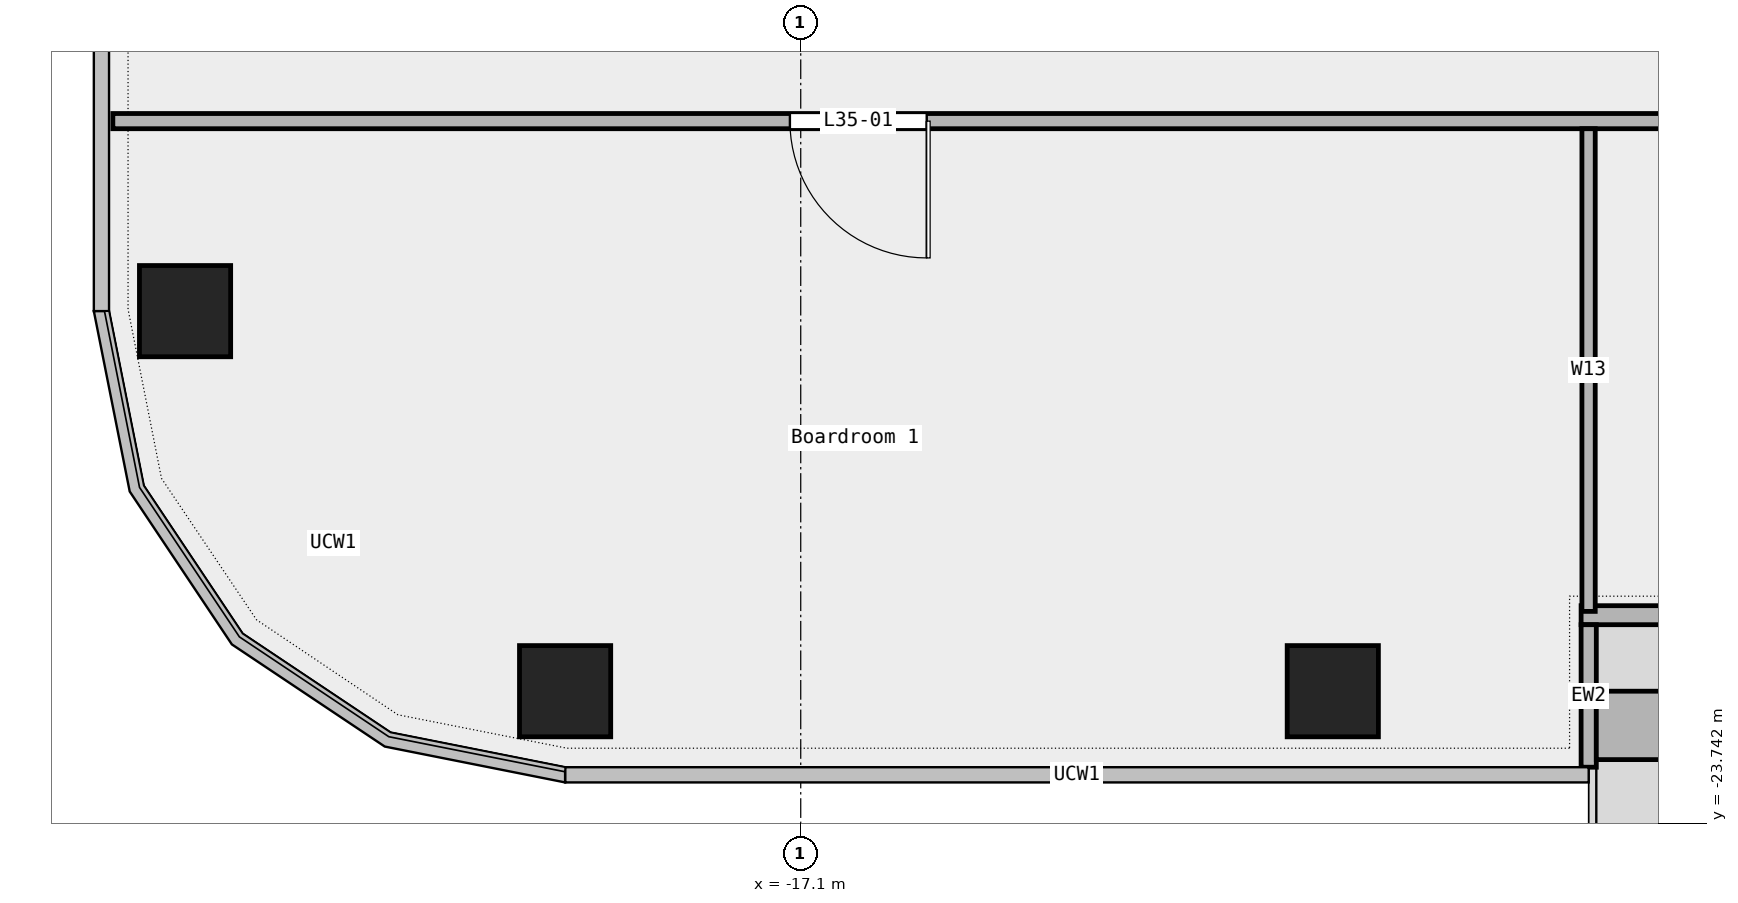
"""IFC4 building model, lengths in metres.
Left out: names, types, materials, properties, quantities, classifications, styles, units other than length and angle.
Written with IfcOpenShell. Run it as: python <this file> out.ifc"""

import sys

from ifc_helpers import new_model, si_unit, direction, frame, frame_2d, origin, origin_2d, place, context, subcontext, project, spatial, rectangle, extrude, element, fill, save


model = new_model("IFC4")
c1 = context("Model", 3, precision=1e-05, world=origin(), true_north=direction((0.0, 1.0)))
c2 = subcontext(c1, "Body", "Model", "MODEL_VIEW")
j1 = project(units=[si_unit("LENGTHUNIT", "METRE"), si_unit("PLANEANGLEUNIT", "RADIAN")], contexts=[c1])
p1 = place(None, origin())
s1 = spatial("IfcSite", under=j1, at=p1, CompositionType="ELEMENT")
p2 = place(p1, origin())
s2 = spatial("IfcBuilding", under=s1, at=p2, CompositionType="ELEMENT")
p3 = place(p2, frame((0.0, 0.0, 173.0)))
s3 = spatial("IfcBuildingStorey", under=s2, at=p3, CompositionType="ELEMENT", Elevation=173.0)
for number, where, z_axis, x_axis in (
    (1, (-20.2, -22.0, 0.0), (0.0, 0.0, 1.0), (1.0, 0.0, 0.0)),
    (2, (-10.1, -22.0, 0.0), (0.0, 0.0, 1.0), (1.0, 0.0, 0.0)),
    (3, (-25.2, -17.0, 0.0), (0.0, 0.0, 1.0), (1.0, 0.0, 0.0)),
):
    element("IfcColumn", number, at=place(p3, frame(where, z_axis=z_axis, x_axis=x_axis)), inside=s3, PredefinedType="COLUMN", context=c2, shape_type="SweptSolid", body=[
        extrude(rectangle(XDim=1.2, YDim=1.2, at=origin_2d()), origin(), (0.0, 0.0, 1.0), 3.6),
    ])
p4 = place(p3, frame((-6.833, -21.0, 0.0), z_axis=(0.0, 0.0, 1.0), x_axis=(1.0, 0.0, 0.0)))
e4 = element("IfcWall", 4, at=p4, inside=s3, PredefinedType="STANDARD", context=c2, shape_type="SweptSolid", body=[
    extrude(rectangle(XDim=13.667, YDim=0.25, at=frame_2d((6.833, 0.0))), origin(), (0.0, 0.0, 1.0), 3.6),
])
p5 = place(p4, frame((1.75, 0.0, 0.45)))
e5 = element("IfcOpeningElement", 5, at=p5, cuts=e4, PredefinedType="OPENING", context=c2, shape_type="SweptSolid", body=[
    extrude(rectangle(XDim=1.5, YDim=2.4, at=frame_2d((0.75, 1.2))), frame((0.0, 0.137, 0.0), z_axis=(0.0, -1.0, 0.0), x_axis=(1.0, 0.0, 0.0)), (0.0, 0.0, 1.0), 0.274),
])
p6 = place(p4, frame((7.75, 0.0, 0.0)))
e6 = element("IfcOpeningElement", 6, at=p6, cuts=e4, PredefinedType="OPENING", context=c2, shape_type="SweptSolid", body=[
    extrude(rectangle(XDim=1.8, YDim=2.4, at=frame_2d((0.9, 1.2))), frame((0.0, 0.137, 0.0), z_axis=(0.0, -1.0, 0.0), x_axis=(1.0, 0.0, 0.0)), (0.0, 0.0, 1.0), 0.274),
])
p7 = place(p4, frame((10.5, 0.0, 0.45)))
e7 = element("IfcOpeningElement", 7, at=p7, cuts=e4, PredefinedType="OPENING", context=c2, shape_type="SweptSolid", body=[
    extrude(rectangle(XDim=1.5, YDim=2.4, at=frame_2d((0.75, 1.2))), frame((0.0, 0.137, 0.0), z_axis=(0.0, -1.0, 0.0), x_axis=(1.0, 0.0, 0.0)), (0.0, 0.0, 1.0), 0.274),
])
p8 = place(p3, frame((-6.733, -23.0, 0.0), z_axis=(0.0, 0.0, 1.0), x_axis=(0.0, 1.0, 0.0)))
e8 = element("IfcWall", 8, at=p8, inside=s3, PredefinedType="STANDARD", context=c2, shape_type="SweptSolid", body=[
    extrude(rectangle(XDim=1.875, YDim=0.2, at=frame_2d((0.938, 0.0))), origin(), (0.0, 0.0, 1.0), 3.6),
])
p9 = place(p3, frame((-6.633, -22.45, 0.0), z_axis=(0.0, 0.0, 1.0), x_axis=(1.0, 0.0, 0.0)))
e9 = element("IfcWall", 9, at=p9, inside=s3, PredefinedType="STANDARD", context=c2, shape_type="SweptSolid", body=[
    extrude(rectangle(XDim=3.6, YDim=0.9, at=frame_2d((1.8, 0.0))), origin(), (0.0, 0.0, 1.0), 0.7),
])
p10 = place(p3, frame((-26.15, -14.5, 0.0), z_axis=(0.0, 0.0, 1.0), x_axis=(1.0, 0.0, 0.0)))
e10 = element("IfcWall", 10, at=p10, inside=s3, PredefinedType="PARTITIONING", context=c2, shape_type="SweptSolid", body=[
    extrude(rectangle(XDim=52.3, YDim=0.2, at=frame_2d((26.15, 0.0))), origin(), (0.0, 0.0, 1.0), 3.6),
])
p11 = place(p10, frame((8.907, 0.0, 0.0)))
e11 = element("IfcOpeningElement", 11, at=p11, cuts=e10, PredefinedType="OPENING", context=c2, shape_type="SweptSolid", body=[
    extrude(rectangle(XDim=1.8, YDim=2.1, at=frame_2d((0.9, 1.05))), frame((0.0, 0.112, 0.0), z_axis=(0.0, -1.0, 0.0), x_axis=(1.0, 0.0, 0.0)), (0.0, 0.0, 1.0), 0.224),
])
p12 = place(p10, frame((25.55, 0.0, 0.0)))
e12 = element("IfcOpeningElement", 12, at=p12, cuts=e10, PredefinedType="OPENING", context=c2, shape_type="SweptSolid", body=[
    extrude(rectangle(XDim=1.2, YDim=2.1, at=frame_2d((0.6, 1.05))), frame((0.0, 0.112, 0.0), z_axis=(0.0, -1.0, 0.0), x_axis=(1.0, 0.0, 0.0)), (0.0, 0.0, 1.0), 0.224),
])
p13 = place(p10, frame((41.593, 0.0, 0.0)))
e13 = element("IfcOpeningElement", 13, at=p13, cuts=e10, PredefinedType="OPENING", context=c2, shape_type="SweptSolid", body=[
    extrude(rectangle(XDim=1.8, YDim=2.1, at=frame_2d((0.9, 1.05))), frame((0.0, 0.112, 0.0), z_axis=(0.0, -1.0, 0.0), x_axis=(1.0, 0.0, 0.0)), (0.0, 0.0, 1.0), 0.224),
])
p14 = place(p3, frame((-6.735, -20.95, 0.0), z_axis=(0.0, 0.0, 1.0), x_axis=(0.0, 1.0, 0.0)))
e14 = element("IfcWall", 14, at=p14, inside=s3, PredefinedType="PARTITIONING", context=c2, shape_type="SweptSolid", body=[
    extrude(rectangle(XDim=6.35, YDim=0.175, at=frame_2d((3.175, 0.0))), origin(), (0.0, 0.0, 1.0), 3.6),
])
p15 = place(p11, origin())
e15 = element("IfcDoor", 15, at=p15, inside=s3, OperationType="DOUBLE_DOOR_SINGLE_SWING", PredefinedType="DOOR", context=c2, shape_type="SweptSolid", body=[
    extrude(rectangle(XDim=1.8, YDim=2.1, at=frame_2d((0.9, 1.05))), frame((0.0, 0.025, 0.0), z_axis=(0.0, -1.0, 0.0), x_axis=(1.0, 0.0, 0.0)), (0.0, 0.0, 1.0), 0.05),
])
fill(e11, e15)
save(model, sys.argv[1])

═══

▸ **Task brief**:
Keep every word of the data as it is when you write it out, but drop the pictures.

▸ **Response area**:
"""IFC4 building model, lengths in metres.
Left out: names, types, materials, properties, quantities, classifications, styles, units other than length and angle.
Written with IfcOpenShell. Run it as: python <this file> out.ifc"""

import sys

from ifc_helpers import new_model, si_unit, direction, frame, frame_2d, origin, origin_2d, place, context, subcontext, project, spatial, rectangle, extrude, element, fill, save


model = new_model("IFC4")
c1 = context("Model", 3, precision=1e-05, world=origin(), true_north=direction((0.0, 1.0)))
c2 = subcontext(c1, "Body", "Model", "MODEL_VIEW")
j1 = project(units=[si_unit("LENGTHUNIT", "METRE"), si_unit("PLANEANGLEUNIT", "RADIAN")], contexts=[c1])
p1 = place(None, origin())
s1 = spatial("IfcSite", under=j1, at=p1, CompositionType="ELEMENT")
p2 = place(p1, origin())
s2 = spatial("IfcBuilding", under=s1, at=p2, CompositionType="ELEMENT")
p3 = place(p2, frame((0.0, 0.0, 173.0)))
s3 = spatial("IfcBuildingStorey", under=s2, at=p3, CompositionType="ELEMENT", Elevation=173.0)
for number, where, z_axis, x_axis in (
    (1, (-20.2, -22.0, 0.0), (0.0, 0.0, 1.0), (1.0, 0.0, 0.0)),
    (2, (-10.1, -22.0, 0.0), (0.0, 0.0, 1.0), (1.0, 0.0, 0.0)),
    (3, (-25.2, -17.0, 0.0), (0.0, 0.0, 1.0), (1.0, 0.0, 0.0)),
):
    element("IfcColumn", number, at=place(p3, frame(where, z_axis=z_axis, x_axis=x_axis)), inside=s3, PredefinedType="COLUMN", context=c2, shape_type="SweptSolid", body=[
        extrude(rectangle(XDim=1.2, YDim=1.2, at=origin_2d()), origin(), (0.0, 0.0, 1.0), 3.6),
    ])
p4 = place(p3, frame((-6.833, -21.0, 0.0), z_axis=(0.0, 0.0, 1.0), x_axis=(1.0, 0.0, 0.0)))
e4 = element("IfcWall", 4, at=p4, inside=s3, PredefinedType="STANDARD", context=c2, shape_type="SweptSolid", body=[
    extrude(rectangle(XDim=13.667, YDim=0.25, at=frame_2d((6.833, 0.0))), origin(), (0.0, 0.0, 1.0), 3.6),
])
p5 = place(p4, frame((1.75, 0.0, 0.45)))
e5 = element("IfcOpeningElement", 5, at=p5, cuts=e4, PredefinedType="OPENING", context=c2, shape_type="SweptSolid", body=[
    extrude(rectangle(XDim=1.5, YDim=2.4, at=frame_2d((0.75, 1.2))), frame((0.0, 0.137, 0.0), z_axis=(0.0, -1.0, 0.0), x_axis=(1.0, 0.0, 0.0)), (0.0, 0.0, 1.0), 0.274),
])
p6 = place(p4, frame((7.75, 0.0, 0.0)))
e6 = element("IfcOpeningElement", 6, at=p6, cuts=e4, PredefinedType="OPENING", context=c2, shape_type="SweptSolid", body=[
    extrude(rectangle(XDim=1.8, YDim=2.4, at=frame_2d((0.9, 1.2))), frame((0.0, 0.137, 0.0), z_axis=(0.0, -1.0, 0.0), x_axis=(1.0, 0.0, 0.0)), (0.0, 0.0, 1.0), 0.274),
])
p7 = place(p4, frame((10.5, 0.0, 0.45)))
e7 = element("IfcOpeningElement", 7, at=p7, cuts=e4, PredefinedType="OPENING", context=c2, shape_type="SweptSolid", body=[
    extrude(rectangle(XDim=1.5, YDim=2.4, at=frame_2d((0.75, 1.2))), frame((0.0, 0.137, 0.0), z_axis=(0.0, -1.0, 0.0), x_axis=(1.0, 0.0, 0.0)), (0.0, 0.0, 1.0), 0.274),
])
p8 = place(p3, frame((-6.733, -23.0, 0.0), z_axis=(0.0, 0.0, 1.0), x_axis=(0.0, 1.0, 0.0)))
e8 = element("IfcWall", 8, at=p8, inside=s3, PredefinedType="STANDARD", context=c2, shape_type="SweptSolid", body=[
    extrude(rectangle(XDim=1.875, YDim=0.2, at=frame_2d((0.938, 0.0))), origin(), (0.0, 0.0, 1.0), 3.6),
])
p9 = place(p3, frame((-6.633, -22.45, 0.0), z_axis=(0.0, 0.0, 1.0), x_axis=(1.0, 0.0, 0.0)))
e9 = element("IfcWall", 9, at=p9, inside=s3, PredefinedType="STANDARD", context=c2, shape_type="SweptSolid", body=[
    extrude(rectangle(XDim=3.6, YDim=0.9, at=frame_2d((1.8, 0.0))), origin(), (0.0, 0.0, 1.0), 0.7),
])
p10 = place(p3, frame((-26.15, -14.5, 0.0), z_axis=(0.0, 0.0, 1.0), x_axis=(1.0, 0.0, 0.0)))
e10 = element("IfcWall", 10, at=p10, inside=s3, PredefinedType="PARTITIONING", context=c2, shape_type="SweptSolid", body=[
    extrude(rectangle(XDim=52.3, YDim=0.2, at=frame_2d((26.15, 0.0))), origin(), (0.0, 0.0, 1.0), 3.6),
])
p11 = place(p10, frame((8.907, 0.0, 0.0)))
e11 = element("IfcOpeningElement", 11, at=p11, cuts=e10, PredefinedType="OPENING", context=c2, shape_type="SweptSolid", body=[
    extrude(rectangle(XDim=1.8, YDim=2.1, at=frame_2d((0.9, 1.05))), frame((0.0, 0.112, 0.0), z_axis=(0.0, -1.0, 0.0), x_axis=(1.0, 0.0, 0.0)), (0.0, 0.0, 1.0), 0.224),
])
p12 = place(p10, frame((25.55, 0.0, 0.0)))
e12 = element("IfcOpeningElement", 12, at=p12, cuts=e10, PredefinedType="OPENING", context=c2, shape_type="SweptSolid", body=[
    extrude(rectangle(XDim=1.2, YDim=2.1, at=frame_2d((0.6, 1.05))), frame((0.0, 0.112, 0.0), z_axis=(0.0, -1.0, 0.0), x_axis=(1.0, 0.0, 0.0)), (0.0, 0.0, 1.0), 0.224),
])
p13 = place(p10, frame((41.593, 0.0, 0.0)))
e13 = element("IfcOpeningElement", 13, at=p13, cuts=e10, PredefinedType="OPENING", context=c2, shape_type="SweptSolid", body=[
    extrude(rectangle(XDim=1.8, YDim=2.1, at=frame_2d((0.9, 1.05))), frame((0.0, 0.112, 0.0), z_axis=(0.0, -1.0, 0.0), x_axis=(1.0, 0.0, 0.0)), (0.0, 0.0, 1.0), 0.224),
])
p14 = place(p3, frame((-6.735, -20.95, 0.0), z_axis=(0.0, 0.0, 1.0), x_axis=(0.0, 1.0, 0.0)))
e14 = element("IfcWall", 14, at=p14, inside=s3, PredefinedType="PARTITIONING", context=c2, shape_type="SweptSolid", body=[
    extrude(rectangle(XDim=6.35, YDim=0.175, at=frame_2d((3.175, 0.0))), origin(), (0.0, 0.0, 1.0), 3.6),
])
p15 = place(p11, origin())
e15 = element("IfcDoor", 15, at=p15, inside=s3, OperationType="DOUBLE_DOOR_SINGLE_SWING", PredefinedType="DOOR", context=c2, shape_type="SweptSolid", body=[
    extrude(rectangle(XDim=1.8, YDim=2.1, at=frame_2d((0.9, 1.05))), frame((0.0, 0.025, 0.0), z_axis=(0.0, -1.0, 0.0), x_axis=(1.0, 0.0, 0.0)), (0.0, 0.0, 1.0), 0.05),
])
fill(e11, e15)
save(model, sys.argv[1])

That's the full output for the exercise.